**THE PROBLEM**
Start at the line below containing "import ezdxf" and stop at the line containing "doc.linetypes.add('DASHED', pattern=[19.05, 12.7, -6.35])". Repeat every line of that stretch exactly, and nothing outside it.

**Source data**
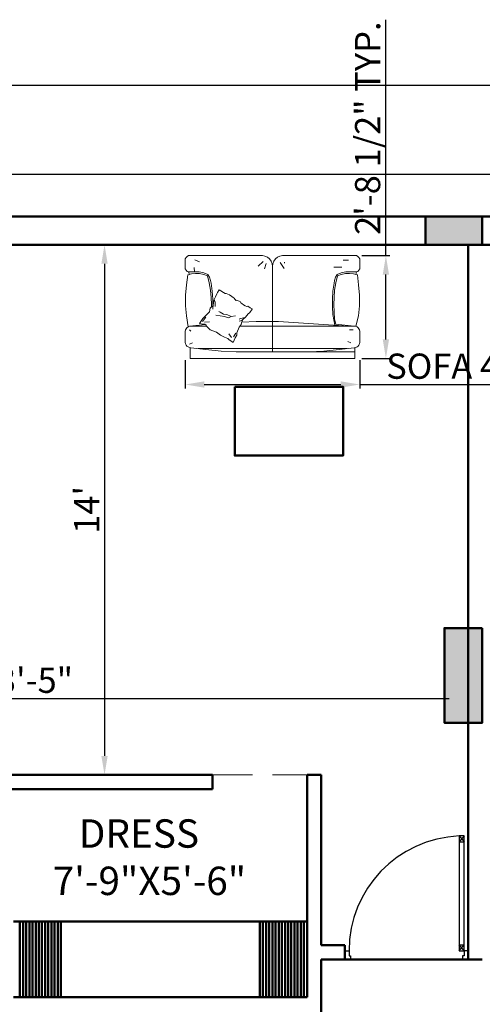
# Model space of a CAD drawing. Units: millimetres. Extents: x 1706 to 5913, y 156 to 1716.
# Tile 10 of 26: x 3377 to 3523, y 603 to 915. Entities that reach past the tile are written whole.
import ezdxf

# ---------------------------------------------------------------- set-up
doc = ezdxf.new("R2010")
doc.units = ezdxf.units.MM
doc.linetypes.add('DASHED', pattern=[19.05, 12.7, -6.35])
for name, color, linetype, lineweight in [('A-ANNO-DIMS', 2, 'Continuous', 18), ('A-AREA-IDEN', 3, 'Continuous', 18), ('A-COLS', 20, 'Continuous', 50), ('A-DOOR', 4, 'Continuous', 25), ('A-FLOR-OVHD', 9, 'DASHED', 18), ('A-FURN', 8, 'Continuous', 18), ('A-WALL', 7, 'Continuous', 50)]:
    doc.layers.add(name, color=color, linetype=linetype, lineweight=lineweight)
doc.styles.get("Standard").update_dxf_attribs({"font": 'arial.ttf'})
doc.dimstyles.new('ISO-25', dxfattribs={"dimtxt": 8, "dimasz": 6, "dimexe": 1.25, "dimexo": 0.625, "dimtad": 1, "dimdec": 0, "dimlunit": 3, "dimtxsty": 'Standard', "dimcen": 2.5, "dimadec": 0, "dimazin": 0, "dimtfac": 1, "dimtdec": 0, "dimtmove": 0, "dimatfit": 3, "dimfxl": 1, "dimarcsym": 0})

# ---------------------------------------------------------------- blocks, each defined once
blk = doc.blocks.new('Puerta 01')
for p, q in [((-0.7745, -0.0264), (-0.7368, -0.0584)), ((-0.7745, -0.0584), (-0.7368, -0.0264)), ((-0.7368, -0.0584), (-0.7368, -0.0264)), ((-0.028, -0.0584), (-0.0657, -0.0264)), ((-0.028, -0.0264), (-0.0657, -0.0584)), ((-0.0657, -0.0584), (-0.0657, -0.0264))]:
    blk.add_line(p, q)
for points in [[(-0.028, 0), (-0.028, -0.0264), (0.004, -0.0264), (0.004, -0.036), (0.028, -0.036), (0.028, 0)], [(-0.028, -0.0264), (-0.7745, -0.0264), (-0.7745, -0.0584), (-0.028, -0.0584)], [(0.004, -0.7736), (0.004, -0.764), (0.028, -0.764), (0.028, -0.8), (-0.028, -0.8), (-0.028, -0.7736)]]:
    blk.add_lwpolyline(points, close=True)
blk.add_arc((-0.028, -0.0264), 0.7472, 182.45453, 270)
blk = doc.blocks.new('sofa-44')
at = {"color": 0, "linetype": 'ByBlock'}
for p, q in [((-0.038, 0.929), (-0.045, 0.917)), ((-0.045, 0.917), (-0.038, 0.929)), ((-0.045, 0.917), (-0.045, 0.824)), ((-0.045, 0.917), (-0.045, 0.824)), ((-0.028, 0.939), (-0.038, 0.929)), ((-0.038, 0.929), (-0.028, 0.939)), ((-0.015, 0.947), (-0.028, 0.939)), ((-0.028, 0.939), (-0.015, 0.947)), ((-0.003, 0.947), (-0.015, 0.947)), ((-0.015, 0.947), (-0.003, 0.947)), ((0.665, 0.947), (-0.003, 0.947)), ((-0.003, 0.947), (0.665, 0.947)), ((0.042, 0.909), (0.087, 0.889)), ((0.687, 0.942), (0.665, 0.947)), ((0.687, 0.942), (0.665, 0.947)), ((0.712, 0.932), (0.687, 0.942)), ((0.712, 0.932), (0.687, 0.942)), ((0.73, 0.917), (0.712, 0.932)), ((0.73, 0.917), (0.712, 0.932)), ((0.745, 0.897), (0.73, 0.917)), ((0.745, 0.897), (0.73, 0.917)), ((0.785, 0.917), (0.77, 0.897)), ((0.77, 0.897), (0.785, 0.917)), ((0.805, 0.932), (0.785, 0.917)), ((0.785, 0.917), (0.805, 0.932)), ((0.827, 0.942), (0.805, 0.932)), ((0.805, 0.932), (0.827, 0.942)), ((0.85, 0.947), (0.827, 0.942)), ((0.827, 0.942), (0.85, 0.947)), ((1.52, 0.947), (0.85, 0.947)), ((0.85, 0.947), (1.52, 0.947)), ((1.532, 0.947), (1.52, 0.947)), ((1.532, 0.947), (1.52, 0.947)), ((1.545, 0.939), (1.532, 0.947)), ((1.545, 0.939), (1.532, 0.947)), ((1.555, 0.929), (1.545, 0.939)), ((1.555, 0.929), (1.545, 0.939)), ((1.562, 0.917), (1.555, 0.929)), ((1.562, 0.917), (1.555, 0.929)), ((1.562, 0.824), (1.562, 0.917)), ((1.562, 0.917), (1.562, 0.824)), ((-0.045, 0.824), (-0.038, 0.812)), ((-0.045, 0.824), (-0.038, 0.812)), ((0.04, 0.799), (0.037, 0.839)), ((0.672, 0.892), (0.627, 0.849)), ((0.7, 0.874), (0.685, 0.824)), ((0.755, 0.872), (0.745, 0.897)), ((0.755, 0.872), (0.745, 0.897)), ((0.757, 0.849), (0.755, 0.872)), ((0.757, 0.849), (0.755, 0.872)), ((0.76, 0.872), (0.757, 0.849)), ((0.757, 0.849), (0.76, 0.872)), ((0.757, 0.06), (0.757, 0.849)), ((0.77, 0.897), (0.76, 0.872)), ((0.76, 0.872), (0.77, 0.897)), ((0.83, 0.884), (0.867, 0.829)), ((0.87, 0.887), (0.87, 0.877)), ((1.397, 0.842), (1.322, 0.842)), ((1.46, 0.904), (1.41, 0.904)), ((1.555, 0.812), (1.562, 0.824)), ((1.562, 0.824), (1.555, 0.812)), ((-0.038, 0.812), (-0.028, 0.802)), ((-0.038, 0.812), (-0.028, 0.802)), ((-0.023, 0.769), (-0.035, 0.677)), ((-0.023, 0.769), (-0.035, 0.677)), ((-0.028, 0.802), (-0.015, 0.797)), ((-0.028, 0.802), (-0.015, 0.797)), ((0.012, 0.779), (-0.023, 0.769)), ((-0.0064, 0.7737), (-0.023, 0.769)), ((-0.015, 0.797), (-0.0064, 0.7737)), ((-0.015, 0.797), (-0.003, 0.797)), ((-0.0064, 0.7737), (-0.015, 0.797)), ((0.04, 0.799), (-0.003, 0.797)), ((0.05, 0.782), (0.012, 0.779)), ((0.082, 0.797), (0.04, 0.799)), ((0.087, 0.782), (0.05, 0.782)), ((0.125, 0.787), (0.082, 0.797)), ((0.125, 0.774), (0.087, 0.782)), ((0.162, 0.772), (0.125, 0.787)), ((0.16, 0.762), (0.125, 0.774)), ((0.175, 0.697), (0.16, 0.762)), ((0.177, 0.747), (0.162, 0.772)), ((0.187, 0.719), (0.177, 0.747)), ((1.33, 0.719), (1.34, 0.747)), ((1.34, 0.747), (1.355, 0.772)), ((1.342, 0.697), (1.357, 0.762)), ((1.355, 0.772), (1.392, 0.787)), ((1.357, 0.762), (1.392, 0.774)), ((1.392, 0.787), (1.435, 0.797)), ((1.392, 0.774), (1.43, 0.782)), ((1.43, 0.782), (1.467, 0.782)), ((1.435, 0.797), (1.477, 0.799)), ((1.467, 0.782), (1.505, 0.779)), ((1.477, 0.799), (1.52, 0.797)), ((1.505, 0.779), (1.54, 0.769)), ((1.532, 0.797), (1.52, 0.797)), ((1.5248, 0.7734), (1.532, 0.797)), ((1.5248, 0.7734), (1.532, 0.797)), ((1.54, 0.769), (1.5248, 0.7734)), ((1.532, 0.797), (1.545, 0.802)), ((1.545, 0.802), (1.532, 0.797)), ((1.552, 0.677), (1.54, 0.769)), ((1.54, 0.769), (1.552, 0.677)), ((1.545, 0.802), (1.555, 0.812)), ((1.555, 0.812), (1.545, 0.802)), ((-0.035, 0.677), (-0.043, 0.582)), ((-0.035, 0.677), (-0.043, 0.582)), ((0.187, 0.629), (0.175, 0.697)), ((0.192, 0.692), (0.187, 0.719)), ((0.202, 0.619), (0.192, 0.692)), ((1.315, 0.619), (1.325, 0.692)), ((1.325, 0.692), (1.33, 0.719)), ((1.33, 0.629), (1.342, 0.697)), ((1.56, 0.582), (1.552, 0.677)), ((1.552, 0.677), (1.56, 0.582)), ((-0.043, 0.582), (-0.043, 0.484)), ((-0.043, 0.582), (-0.043, 0.484)), ((0.192, 0.562), (0.187, 0.629)), ((0.195, 0.497), (0.192, 0.562)), ((0.207, 0.547), (0.202, 0.619)), ((0.207, 0.492), (0.207, 0.547)), ((0.232, 0.567), (0.222, 0.542)), ((0.245, 0.594), (0.232, 0.567)), ((0.252, 0.607), (0.245, 0.594)), ((0.267, 0.632), (0.252, 0.607)), ((0.322, 0.599), (0.267, 0.632)), ((0.332, 0.597), (0.322, 0.599)), ((0.362, 0.584), (0.332, 0.597)), ((0.385, 0.569), (0.362, 0.584)), ((0.397, 0.562), (0.385, 0.569)), ((0.405, 0.554), (0.397, 0.562)), ((0.42, 0.534), (0.405, 0.554)), ((1.31, 0.547), (1.315, 0.619)), ((1.31, 0.474), (1.31, 0.547)), ((1.322, 0.497), (1.325, 0.562)), ((1.325, 0.562), (1.33, 0.629)), ((1.56, 0.484), (1.56, 0.582)), ((1.56, 0.582), (1.56, 0.484)), ((-0.043, 0.484), (-0.035, 0.392)), ((-0.043, 0.484), (-0.035, 0.392)), ((0.185, 0.462), (0.177, 0.43)), ((0.192, 0.472), (0.185, 0.462)), ((0.212, 0.487), (0.192, 0.472)), ((0.195, 0.482), (0.195, 0.497)), ((0.207, 0.467), (0.212, 0.487)), ((0.207, 0.452), (0.207, 0.467)), ((0.215, 0.514), (0.212, 0.487)), ((0.222, 0.542), (0.215, 0.514)), ((0.222, 0.542), (0.23, 0.519)), ((0.23, 0.519), (0.23, 0.497)), ((0.23, 0.497), (0.23, 0.477)), ((0.425, 0.537), (0.42, 0.534)), ((0.46, 0.524), (0.425, 0.537)), ((0.467, 0.512), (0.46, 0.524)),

**REPLY TO THE EXERCISE**
import ezdxf

# ---------------------------------------------------------------- set-up
doc = ezdxf.new("R2010")
doc.units = ezdxf.units.MM
doc.linetypes.add('DASHED', pattern=[19.05, 12.7, -6.35])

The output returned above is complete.